What is needed here is an exact copy of all the data.

• [PROVIDED DATA]:
:::::

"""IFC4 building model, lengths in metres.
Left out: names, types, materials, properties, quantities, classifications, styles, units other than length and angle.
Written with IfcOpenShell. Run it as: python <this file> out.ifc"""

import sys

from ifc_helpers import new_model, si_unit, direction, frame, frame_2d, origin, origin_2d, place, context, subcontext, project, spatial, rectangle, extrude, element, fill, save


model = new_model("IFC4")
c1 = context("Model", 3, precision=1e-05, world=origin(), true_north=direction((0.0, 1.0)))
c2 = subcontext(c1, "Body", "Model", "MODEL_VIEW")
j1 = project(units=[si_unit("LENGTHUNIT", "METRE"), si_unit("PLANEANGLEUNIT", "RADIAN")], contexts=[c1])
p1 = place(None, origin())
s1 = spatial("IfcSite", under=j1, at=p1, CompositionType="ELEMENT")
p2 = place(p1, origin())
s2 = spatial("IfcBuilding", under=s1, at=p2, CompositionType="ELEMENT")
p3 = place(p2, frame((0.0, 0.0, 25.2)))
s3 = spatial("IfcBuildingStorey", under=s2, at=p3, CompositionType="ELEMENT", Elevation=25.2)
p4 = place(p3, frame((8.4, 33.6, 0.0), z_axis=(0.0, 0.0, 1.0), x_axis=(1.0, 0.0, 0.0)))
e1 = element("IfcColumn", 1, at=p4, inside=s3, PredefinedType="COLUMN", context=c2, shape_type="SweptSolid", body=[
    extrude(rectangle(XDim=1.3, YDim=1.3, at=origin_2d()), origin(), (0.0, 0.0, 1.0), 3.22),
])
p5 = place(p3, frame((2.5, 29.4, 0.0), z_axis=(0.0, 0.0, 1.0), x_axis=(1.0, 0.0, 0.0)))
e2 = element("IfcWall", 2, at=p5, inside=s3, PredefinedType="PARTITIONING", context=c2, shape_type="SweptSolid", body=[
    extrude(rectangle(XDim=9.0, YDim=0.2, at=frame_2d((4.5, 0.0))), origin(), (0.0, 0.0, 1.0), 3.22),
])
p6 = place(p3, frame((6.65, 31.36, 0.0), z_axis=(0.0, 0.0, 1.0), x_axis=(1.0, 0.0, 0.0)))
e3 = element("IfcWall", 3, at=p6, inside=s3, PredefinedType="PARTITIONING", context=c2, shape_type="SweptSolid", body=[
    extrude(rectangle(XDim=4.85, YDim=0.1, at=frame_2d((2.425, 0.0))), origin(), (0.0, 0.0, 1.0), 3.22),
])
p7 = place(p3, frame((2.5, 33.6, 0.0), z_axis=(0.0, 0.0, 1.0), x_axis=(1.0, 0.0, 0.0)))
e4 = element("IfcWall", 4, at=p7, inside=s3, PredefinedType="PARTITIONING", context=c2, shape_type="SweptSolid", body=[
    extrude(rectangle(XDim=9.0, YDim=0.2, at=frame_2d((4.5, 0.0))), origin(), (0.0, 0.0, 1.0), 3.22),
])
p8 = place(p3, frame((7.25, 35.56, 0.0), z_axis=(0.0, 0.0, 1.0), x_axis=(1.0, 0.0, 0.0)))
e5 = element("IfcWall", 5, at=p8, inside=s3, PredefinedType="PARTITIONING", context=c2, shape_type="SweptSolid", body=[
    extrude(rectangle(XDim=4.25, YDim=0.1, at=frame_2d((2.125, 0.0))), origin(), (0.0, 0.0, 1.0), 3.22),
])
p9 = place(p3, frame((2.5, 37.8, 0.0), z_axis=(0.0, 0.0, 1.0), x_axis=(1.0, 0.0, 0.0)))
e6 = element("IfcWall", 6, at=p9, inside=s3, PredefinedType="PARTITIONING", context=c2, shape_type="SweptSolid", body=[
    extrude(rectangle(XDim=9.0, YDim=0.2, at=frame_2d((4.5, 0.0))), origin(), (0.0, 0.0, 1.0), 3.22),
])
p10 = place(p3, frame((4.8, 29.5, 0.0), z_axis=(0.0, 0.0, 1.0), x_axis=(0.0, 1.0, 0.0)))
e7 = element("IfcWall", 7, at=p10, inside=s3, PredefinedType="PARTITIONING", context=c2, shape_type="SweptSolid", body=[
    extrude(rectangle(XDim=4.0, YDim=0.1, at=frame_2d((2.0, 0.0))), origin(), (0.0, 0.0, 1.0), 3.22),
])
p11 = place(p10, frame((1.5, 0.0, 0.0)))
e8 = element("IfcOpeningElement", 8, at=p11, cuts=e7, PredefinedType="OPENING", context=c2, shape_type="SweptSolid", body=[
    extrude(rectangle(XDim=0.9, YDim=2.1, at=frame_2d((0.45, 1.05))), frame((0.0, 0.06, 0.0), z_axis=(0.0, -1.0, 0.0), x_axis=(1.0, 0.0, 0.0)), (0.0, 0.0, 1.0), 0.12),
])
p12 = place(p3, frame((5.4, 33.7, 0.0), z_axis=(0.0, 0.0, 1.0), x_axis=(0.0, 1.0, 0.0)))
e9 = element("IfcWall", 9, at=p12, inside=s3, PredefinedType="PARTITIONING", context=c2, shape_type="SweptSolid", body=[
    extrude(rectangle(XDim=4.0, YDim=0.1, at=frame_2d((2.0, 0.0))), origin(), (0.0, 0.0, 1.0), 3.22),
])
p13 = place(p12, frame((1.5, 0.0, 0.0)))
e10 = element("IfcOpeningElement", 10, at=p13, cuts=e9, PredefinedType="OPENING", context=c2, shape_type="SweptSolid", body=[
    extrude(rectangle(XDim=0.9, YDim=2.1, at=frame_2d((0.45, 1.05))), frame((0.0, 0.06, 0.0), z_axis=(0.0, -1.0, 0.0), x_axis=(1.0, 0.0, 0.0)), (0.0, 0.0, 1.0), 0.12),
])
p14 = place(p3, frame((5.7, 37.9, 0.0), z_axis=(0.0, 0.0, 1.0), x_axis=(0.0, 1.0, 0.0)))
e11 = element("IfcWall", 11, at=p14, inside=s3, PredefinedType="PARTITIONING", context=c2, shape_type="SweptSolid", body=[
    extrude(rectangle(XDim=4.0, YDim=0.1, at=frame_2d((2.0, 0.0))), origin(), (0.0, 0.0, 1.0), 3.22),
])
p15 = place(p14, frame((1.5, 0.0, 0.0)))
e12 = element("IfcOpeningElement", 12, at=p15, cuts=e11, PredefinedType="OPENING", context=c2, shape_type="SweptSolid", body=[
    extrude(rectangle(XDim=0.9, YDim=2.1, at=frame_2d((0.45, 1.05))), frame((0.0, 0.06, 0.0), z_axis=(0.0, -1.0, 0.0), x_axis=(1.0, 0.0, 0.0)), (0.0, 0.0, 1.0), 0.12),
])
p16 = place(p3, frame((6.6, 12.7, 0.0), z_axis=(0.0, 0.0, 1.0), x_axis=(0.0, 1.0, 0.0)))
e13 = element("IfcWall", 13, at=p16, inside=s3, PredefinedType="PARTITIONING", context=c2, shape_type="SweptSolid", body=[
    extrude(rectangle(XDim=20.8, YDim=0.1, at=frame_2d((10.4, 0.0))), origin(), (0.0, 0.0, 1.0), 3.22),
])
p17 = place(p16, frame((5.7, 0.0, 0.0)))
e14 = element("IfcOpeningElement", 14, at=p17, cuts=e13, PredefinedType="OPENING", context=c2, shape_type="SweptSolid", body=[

:::::

• [SOLUTION TO THE PROBLEM]:
"""IFC4 building model, lengths in metres.
Left out: names, types, materials, properties, quantities, classifications, styles, units other than length and angle.
Written with IfcOpenShell. Run it as: python <this file> out.ifc"""

import sys

from ifc_helpers import new_model, si_unit, direction, frame, frame_2d, origin, origin_2d, place, context, subcontext, project, spatial, rectangle, extrude, element, fill, save


model = new_model("IFC4")
c1 = context("Model", 3, precision=1e-05, world=origin(), true_north=direction((0.0, 1.0)))
c2 = subcontext(c1, "Body", "Model", "MODEL_VIEW")
j1 = project(units=[si_unit("LENGTHUNIT", "METRE"), si_unit("PLANEANGLEUNIT", "RADIAN")], contexts=[c1])
p1 = place(None, origin())
s1 = spatial("IfcSite", under=j1, at=p1, CompositionType="ELEMENT")
p2 = place(p1, origin())
s2 = spatial("IfcBuilding", under=s1, at=p2, CompositionType="ELEMENT")
p3 = place(p2, frame((0.0, 0.0, 25.2)))
s3 = spatial("IfcBuildingStorey", under=s2, at=p3, CompositionType="ELEMENT", Elevation=25.2)
p4 = place(p3, frame((8.4, 33.6, 0.0), z_axis=(0.0, 0.0, 1.0), x_axis=(1.0, 0.0, 0.0)))
e1 = element("IfcColumn", 1, at=p4, inside=s3, PredefinedType="COLUMN", context=c2, shape_type="SweptSolid", body=[
    extrude(rectangle(XDim=1.3, YDim=1.3, at=origin_2d()), origin(), (0.0, 0.0, 1.0), 3.22),
])
p5 = place(p3, frame((2.5, 29.4, 0.0), z_axis=(0.0, 0.0, 1.0), x_axis=(1.0, 0.0, 0.0)))
e2 = element("IfcWall", 2, at=p5, inside=s3, PredefinedType="PARTITIONING", context=c2, shape_type="SweptSolid", body=[
    extrude(rectangle(XDim=9.0, YDim=0.2, at=frame_2d((4.5, 0.0))), origin(), (0.0, 0.0, 1.0), 3.22),
])
p6 = place(p3, frame((6.65, 31.36, 0.0), z_axis=(0.0, 0.0, 1.0), x_axis=(1.0, 0.0, 0.0)))
e3 = element("IfcWall", 3, at=p6, inside=s3, PredefinedType="PARTITIONING", context=c2, shape_type="SweptSolid", body=[
    extrude(rectangle(XDim=4.85, YDim=0.1, at=frame_2d((2.425, 0.0))), origin(), (0.0, 0.0, 1.0), 3.22),
])
p7 = place(p3, frame((2.5, 33.6, 0.0), z_axis=(0.0, 0.0, 1.0), x_axis=(1.0, 0.0, 0.0)))
e4 = element("IfcWall", 4, at=p7, inside=s3, PredefinedType="PARTITIONING", context=c2, shape_type="SweptSolid", body=[
    extrude(rectangle(XDim=9.0, YDim=0.2, at=frame_2d((4.5, 0.0))), origin(), (0.0, 0.0, 1.0), 3.22),
])
p8 = place(p3, frame((7.25, 35.56, 0.0), z_axis=(0.0, 0.0, 1.0), x_axis=(1.0, 0.0, 0.0)))
e5 = element("IfcWall", 5, at=p8, inside=s3, PredefinedType="PARTITIONING", context=c2, shape_type="SweptSolid", body=[
    extrude(rectangle(XDim=4.25, YDim=0.1, at=frame_2d((2.125, 0.0))), origin(), (0.0, 0.0, 1.0), 3.22),
])
p9 = place(p3, frame((2.5, 37.8, 0.0), z_axis=(0.0, 0.0, 1.0), x_axis=(1.0, 0.0, 0.0)))
e6 = element("IfcWall", 6, at=p9, inside=s3, PredefinedType="PARTITIONING", context=c2, shape_type="SweptSolid", body=[
    extrude(rectangle(XDim=9.0, YDim=0.2, at=frame_2d((4.5, 0.0))), origin(), (0.0, 0.0, 1.0), 3.22),
])
p10 = place(p3, frame((4.8, 29.5, 0.0), z_axis=(0.0, 0.0, 1.0), x_axis=(0.0, 1.0, 0.0)))
e7 = element("IfcWall", 7, at=p10, inside=s3, PredefinedType="PARTITIONING", context=c2, shape_type="SweptSolid", body=[
    extrude(rectangle(XDim=4.0, YDim=0.1, at=frame_2d((2.0, 0.0))), origin(), (0.0, 0.0, 1.0), 3.22),
])
p11 = place(p10, frame((1.5, 0.0, 0.0)))
e8 = element("IfcOpeningElement", 8, at=p11, cuts=e7, PredefinedType="OPENING", context=c2, shape_type="SweptSolid", body=[
    extrude(rectangle(XDim=0.9, YDim=2.1, at=frame_2d((0.45, 1.05))), frame((0.0, 0.06, 0.0), z_axis=(0.0, -1.0, 0.0), x_axis=(1.0, 0.0, 0.0)), (0.0, 0.0, 1.0), 0.12),
])
p12 = place(p3, frame((5.4, 33.7, 0.0), z_axis=(0.0, 0.0, 1.0), x_axis=(0.0, 1.0, 0.0)))
e9 = element("IfcWall", 9, at=p12, inside=s3, PredefinedType="PARTITIONING", context=c2, shape_type="SweptSolid", body=[
    extrude(rectangle(XDim=4.0, YDim=0.1, at=frame_2d((2.0, 0.0))), origin(), (0.0, 0.0, 1.0), 3.22),
])
p13 = place(p12, frame((1.5, 0.0, 0.0)))
e10 = element("IfcOpeningElement", 10, at=p13, cuts=e9, PredefinedType="OPENING", context=c2, shape_type="SweptSolid", body=[
    extrude(rectangle(XDim=0.9, YDim=2.1, at=frame_2d((0.45, 1.05))), frame((0.0, 0.06, 0.0), z_axis=(0.0, -1.0, 0.0), x_axis=(1.0, 0.0, 0.0)), (0.0, 0.0, 1.0), 0.12),
])
p14 = place(p3, frame((5.7, 37.9, 0.0), z_axis=(0.0, 0.0, 1.0), x_axis=(0.0, 1.0, 0.0)))
e11 = element("IfcWall", 11, at=p14, inside=s3, PredefinedType="PARTITIONING", context=c2, shape_type="SweptSolid", body=[
    extrude(rectangle(XDim=4.0, YDim=0.1, at=frame_2d((2.0, 0.0))), origin(), (0.0, 0.0, 1.0), 3.22),
])
p15 = place(p14, frame((1.5, 0.0, 0.0)))
e12 = element("IfcOpeningElement", 12, at=p15, cuts=e11, PredefinedType="OPENING", context=c2, shape_type="SweptSolid", body=[
    extrude(rectangle(XDim=0.9, YDim=2.1, at=frame_2d((0.45, 1.05))), frame((0.0, 0.06, 0.0), z_axis=(0.0, -1.0, 0.0), x_axis=(1.0, 0.0, 0.0)), (0.0, 0.0, 1.0), 0.12),
])
p16 = place(p3, frame((6.6, 12.7, 0.0), z_axis=(0.0, 0.0, 1.0), x_axis=(0.0, 1.0, 0.0)))
e13 = element("IfcWall", 13, at=p16, inside=s3, PredefinedType="PARTITIONING", context=c2, shape_type="SweptSolid", body=[
    extrude(rectangle(XDim=20.8, YDim=0.1, at=frame_2d((10.4, 0.0))), origin(), (0.0, 0.0, 1.0), 3.22),
])
p17 = place(p16, frame((5.7, 0.0, 0.0)))
e14 = element("IfcOpeningElement", 14, at=p17, cuts=e13, PredefinedType="OPENING", context=c2, shape_type="SweptSolid", body=[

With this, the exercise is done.